Tally every line below where "OverallDepth" appears, then report the total alone.

[Opening Dataset records section]

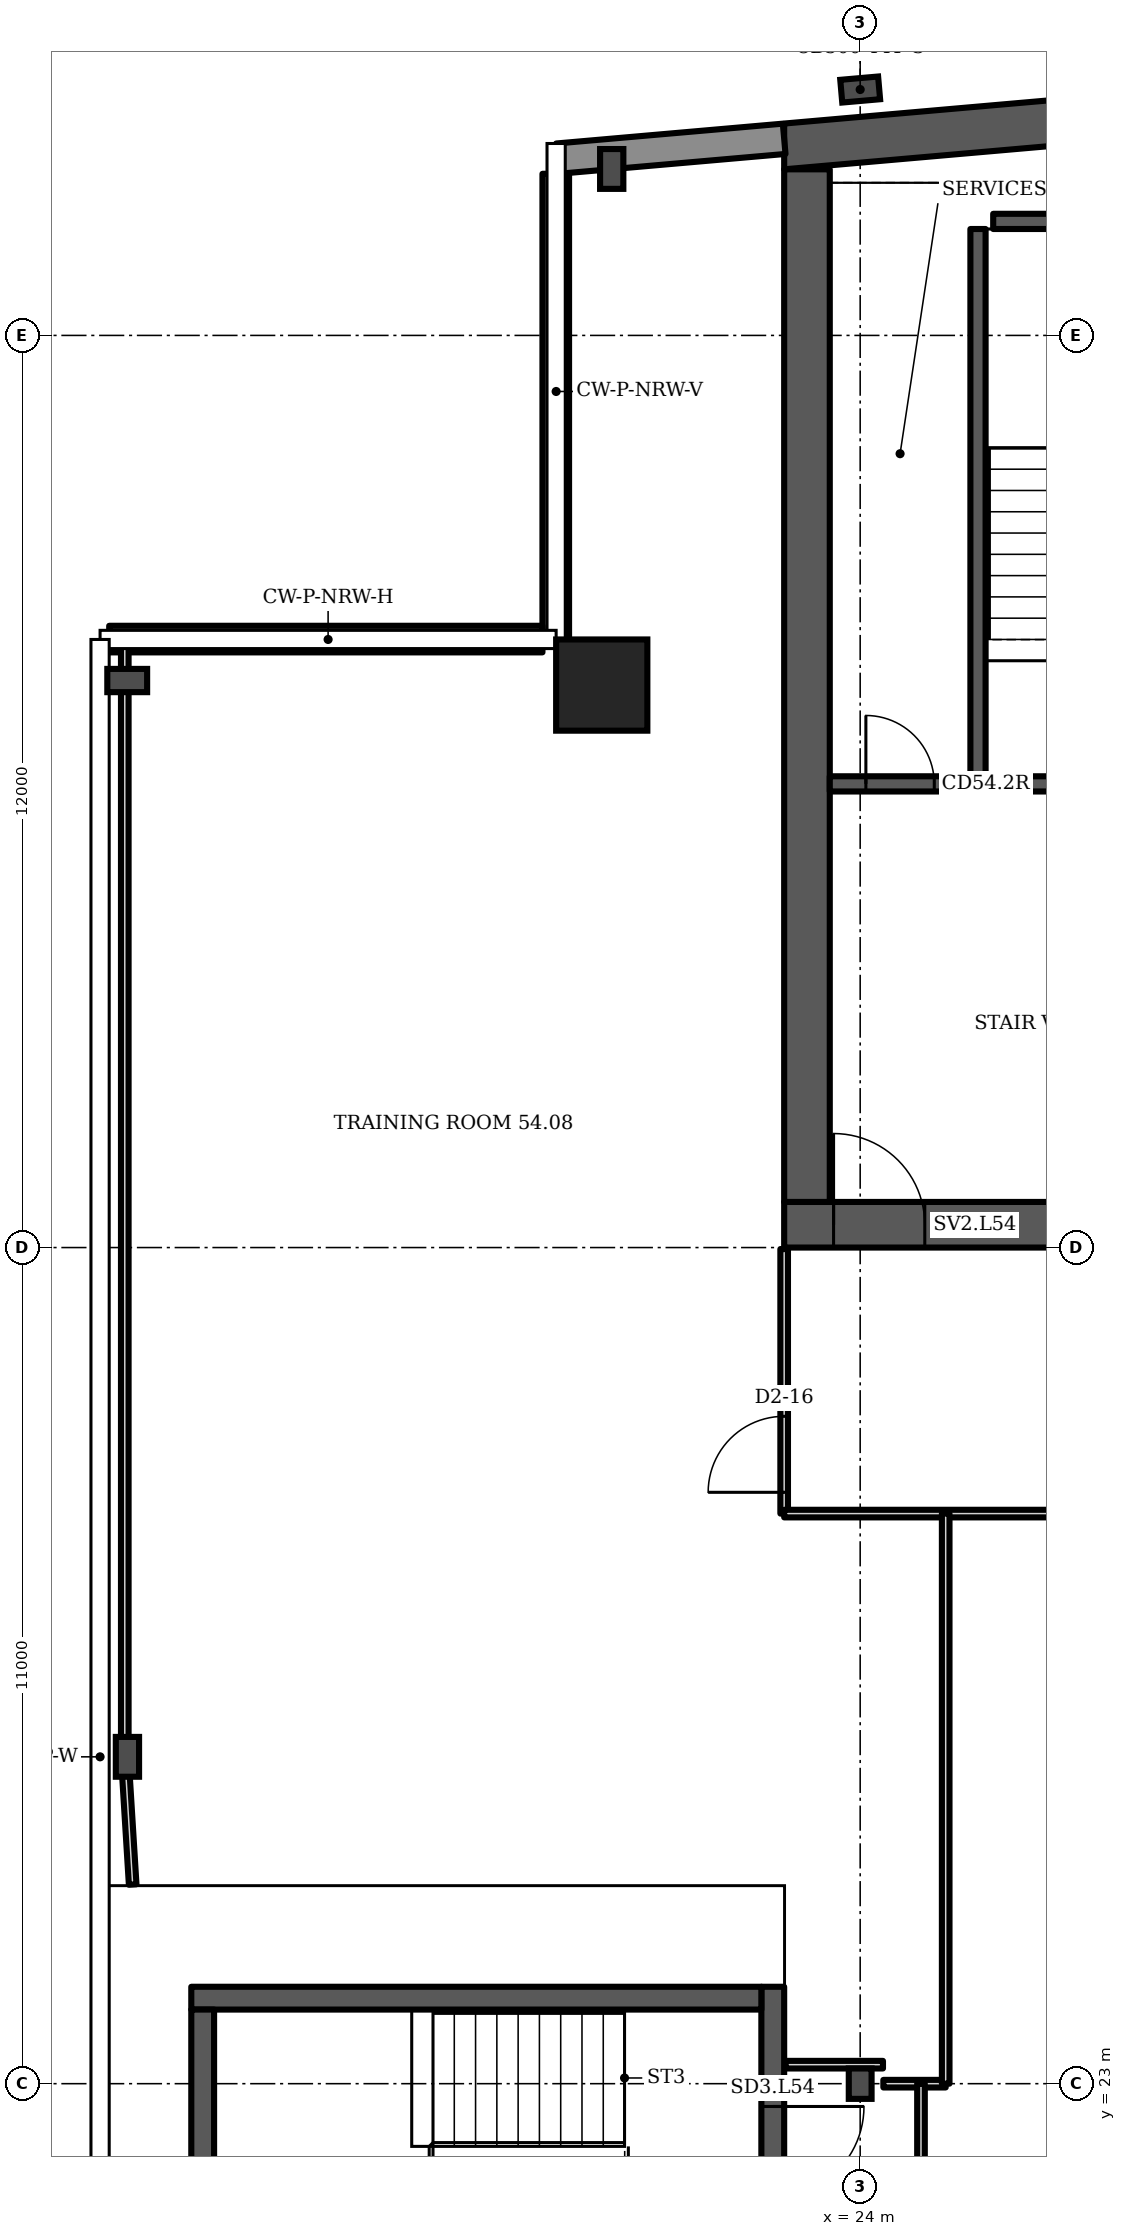
"""IFC4 building model, lengths in metres.
Left out: names, types, materials, properties, quantities, classifications, styles, units other than length and angle.
Written with IfcOpenShell. Run it as: python <this file> out.ifc"""

import sys

from ifc_helpers import new_model, si_unit, direction, frame, frame_2d, origin, origin_2d, place, context, subcontext, project, spatial, polyline, rectangle, i_section, outline, extrude, element, fill, save


model = new_model("IFC4")
c1 = context("Model", 3, precision=1e-05, world=origin(), true_north=direction((0.0, 1.0)))
c2 = subcontext(c1, "Body", "Model", "MODEL_VIEW")
j1 = project(units=[si_unit("LENGTHUNIT", "METRE"), si_unit("PLANEANGLEUNIT", "RADIAN")], contexts=[c1])
p1 = place(None, origin())
s1 = spatial("IfcSite", under=j1, at=p1, CompositionType="ELEMENT")
p2 = place(p1, origin())
s2 = spatial("IfcBuilding", under=s1, at=p2, CompositionType="ELEMENT")
p3 = place(p2, frame((0.0, 0.0, 217.9)))
s3 = spatial("IfcBuildingStorey", under=s2, at=p3, CompositionType="ELEMENT", Elevation=217.9)
p4 = place(p3, origin())
e1 = element("IfcWall", 1, at=p4, inside=s3, PredefinedType="SHEAR", context=c2, shape_type="SweptSolid", body=[
    extrude(outline(polyline([(23.0, 48.185), (40.5, 49.716), (58.0, 48.185), (58.0, 48.787), (40.5, 50.318), (23.0, 48.787), (23.0, 48.185)])), origin(), (0.0, 0.0, 1.0), 3.6),
])
p5 = place(p3, frame((23.0, 34.3, 0.0), z_axis=(0.0, 0.0, 1.0), x_axis=(1.0, 0.0, 0.0)))
e2 = element("IfcWall", 2, at=p5, inside=s3, PredefinedType="SHEAR", context=c2, shape_type="SweptSolid", body=[
    extrude(rectangle(XDim=35.0, YDim=0.6, at=frame_2d((17.5, 0.0))), origin(), (0.0, 0.0, 1.0), 3.6),
])
p6 = place(p5, frame((0.65, 0.0, 0.0)))
e3 = element("IfcOpeningElement", 3, at=p6, cuts=e2, PredefinedType="OPENING", context=c2, shape_type="SweptSolid", body=[
    extrude(rectangle(XDim=1.2, YDim=2.1, at=frame_2d((0.6, 1.05))), frame((0.0, 0.31, 0.0), z_axis=(0.0, -1.0, 0.0), x_axis=(1.0, 0.0, 0.0)), (0.0, 0.0, 1.0), 0.62),
])
p7 = place(p5, frame((7.717, 0.0, 0.0)))
e4 = element("IfcOpeningElement", 4, at=p7, cuts=e2, PredefinedType="OPENING", context=c2, shape_type="SweptSolid", body=[
    extrude(rectangle(XDim=1.1, YDim=2.1, at=frame_2d((0.55, 1.05))), frame((0.0, 0.31, 0.0), z_axis=(0.0, -1.0, 0.0), x_axis=(1.0, 0.0, 0.0)), (0.0, 0.0, 1.0), 0.62),
])
p8 = place(p5, frame((12.183, 0.0, 0.0)))
e5 = element("IfcOpeningElement", 5, at=p8, cuts=e2, PredefinedType="OPENING", context=c2, shape_type="SweptSolid", body=[
    extrude(rectangle(XDim=1.1, YDim=2.1, at=frame_2d((0.55, 1.05))), frame((0.0, 0.31, 0.0), z_axis=(0.0, -1.0, 0.0), x_axis=(1.0, 0.0, 0.0)), (0.0, 0.0, 1.0), 0.62),
])
p9 = place(p5, frame((9.8, 0.0, 0.0)))
e6 = element("IfcOpeningElement", 6, at=p9, cuts=e2, PredefinedType="OPENING", context=c2, shape_type="SweptSolid", body=[
    extrude(rectangle(XDim=1.4, YDim=2.1, at=frame_2d((0.7, 1.05))), frame((0.0, 0.31, 0.0), z_axis=(0.0, -1.0, 0.0), x_axis=(1.0, 0.0, 0.0)), (0.0, 0.0, 1.0), 0.62),
])
p10 = place(p5, frame((14.717, 0.0, 0.0)))
e7 = element("IfcOpeningElement", 7, at=p10, cuts=e2, PredefinedType="OPENING", context=c2, shape_type="SweptSolid", body=[
    extrude(rectangle(XDim=1.1, YDim=2.1, at=frame_2d((0.55, 1.05))), frame((0.0, 0.31, 0.0), z_axis=(0.0, -1.0, 0.0), x_axis=(1.0, 0.0, 0.0)), (0.0, 0.0, 1.0), 0.62),
])
p11 = place(p5, frame((16.95, 0.0, 0.0)))
e8 = element("IfcOpeningElement", 8, at=p11, cuts=e2, PredefinedType="OPENING", context=c2, shape_type="SweptSolid", body=[
    extrude(rectangle(XDim=1.1, YDim=2.1, at=frame_2d((0.55, 1.05))), frame((0.0, 0.31, 0.0), z_axis=(0.0, -1.0, 0.0), x_axis=(1.0, 0.0, 0.0)), (0.0, 0.0, 1.0), 0.62),
])
p12 = place(p5, frame((19.183, 0.0, 0.0)))
e9 = element("IfcOpeningElement", 9, at=p12, cuts=e2, PredefinedType="OPENING", context=c2, shape_type="SweptSolid", body=[
    extrude(rectangle(XDim=1.1, YDim=2.1, at=frame_2d((0.55, 1.05))), frame((0.0, 0.31, 0.0), z_axis=(0.0, -1.0, 0.0), x_axis=(1.0, 0.0, 0.0)), (0.0, 0.0, 1.0), 0.62),
])
p13 = place(p5, frame((26.15, 0.0, 0.0)))
e10 = element("IfcOpeningElement", 10, at=p13, cuts=e2, PredefinedType="OPENING", context=c2, shape_type="SweptSolid", body=[
    extrude(rectangle(XDim=1.2, YDim=2.1, at=frame_2d((0.6, 1.05))), frame((0.0, 0.31, 0.0), z_axis=(0.0, -1.0, 0.0), x_axis=(1.0, 0.0, 0.0)), (0.0, 0.0, 1.0), 0.62),
])
p14 = place(p5, frame((28.767, 0.0, 0.0)))
e11 = element("IfcOpeningElement", 11, at=p14, cuts=e2, PredefinedType="OPENING", context=c2, shape_type="SweptSolid", body=[
    extrude(rectangle(XDim=1.0, YDim=2.1, at=frame_2d((0.5, 1.05))), frame((0.0, 0.31, 0.0), z_axis=(0.0, -1.0, 0.0), x_axis=(1.0, 0.0, 0.0)), (0.0, 0.0, 1.0), 0.62),
])
p15 = place(p5, frame((33.083, 0.0, 0.0)))
e12 = element("IfcOpeningElement", 12, at=p15, cuts=e2, PredefinedType="OPENING", context=c2, shape_type="SweptSolid", body=[
    extrude(rectangle(XDim=1.0, YDim=2.1, at=frame_2d((0.5, 1.05))), frame((0.0, 0.31, 0.0), z_axis=(0.0, -1.0, 0.0), x_axis=(1.0, 0.0, 0.0)), (0.0, 0.0, 1.0), 0.62),
])
p16 = place(p5, frame((30.8, 0.0, 0.0)))
e13 = element("IfcOpeningElement", 13, at=p16, cuts=e2, PredefinedType="OPENING", context=c2, shape_type="SweptSolid", body=[
    extrude(rectangle(XDim=1.4, YDim=2.1, at=frame_2d((0.7, 1.05))), frame((0.0, 0.31, 0.0), z_axis=(0.0, -1.0, 0.0), x_axis=(1.0, 0.0, 0.0)), (0.0, 0.0, 1.0), 0.62),
])
p17 = place(p3, frame((23.3, 34.6, 0.0), z_axis=(0.0, 0.0, 1.0), x_axis=(0.0, 1.0, 0.0)))
e14 = element("IfcWall", 14, at=p17, inside=s3, PredefinedType="SHEAR", context=c2, shape_type="SweptSolid", body=[
    extrude(rectangle(XDim=13.585, YDim=0.6, at=frame_2d((6.792, 0.0))), origin(), (0.0, 0.0, 1.0), 3.6),
])
p18 = place(p3, frame((20.6, 41.4, 0.0), z_axis=(0.0, 0.0, 1.0), x_axis=(1.0, 0.0, 0.0)))
e15 = element("IfcColumn", 15, at=p18, inside=s3, PredefinedType="COLUMN", context=c2, shape_type="SweptSolid", body=[
    extrude(rectangle(XDim=1.2, YDim=1.2, at=origin_2d()), origin(), (0.0, 0.0, 1.0), 3.6),
])
for number, where, z_axis, x_axis in (
    (16, (20.731, 48.19, 0.0), (0.0, 0.0, 1.0), (-1.0, 0.0, 0.0)),
    (17, (14.357, 41.46, 0.0), (0.0, 0.0, 1.0), (0.0, 1.0, 0.0)),
    (18, (14.36, 27.3, 0.0), (0.0, 0.0, 1.0), (-1.0, 0.0, 0.0)),
):
    element("IfcColumn", number, at=place(p3, frame(where, z_axis=z_axis, x_axis=x_axis)), inside=s3, PredefinedType="COLUMN", context=c2, shape_type="SweptSolid", body=[
        extrude(i_section(OverallWidth=0.306, OverallDepth=0.524, WebThickness=0.021, FlangeThickness=0.04, FilletRadius=0.027, at=origin_2d()), origin(), (0.0, 0.0, 1.0), 3.6),
    ])
p19 = place(p3, frame((24.0, 23.0, 0.0), z_axis=(0.0, 0.0, 1.0), x_axis=(1.0, 0.0, 0.0)))
e19 = element("IfcColumn", 19, at=p19, inside=s3, PredefinedType="COLUMN", context=c2, shape_type="SweptSolid", body=[
    extrude(i_section(OverallWidth=0.3, OverallDepth=0.4, WebThickness=0.013, FlangeThickness=0.024, FilletRadius=0.027, at=origin_2d()), origin(), (0.0, 0.0, 1.0), 3.6),
])
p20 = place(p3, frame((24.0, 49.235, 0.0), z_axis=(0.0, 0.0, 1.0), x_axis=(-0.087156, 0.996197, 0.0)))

[Closing Dataset records section]

Your solution -
2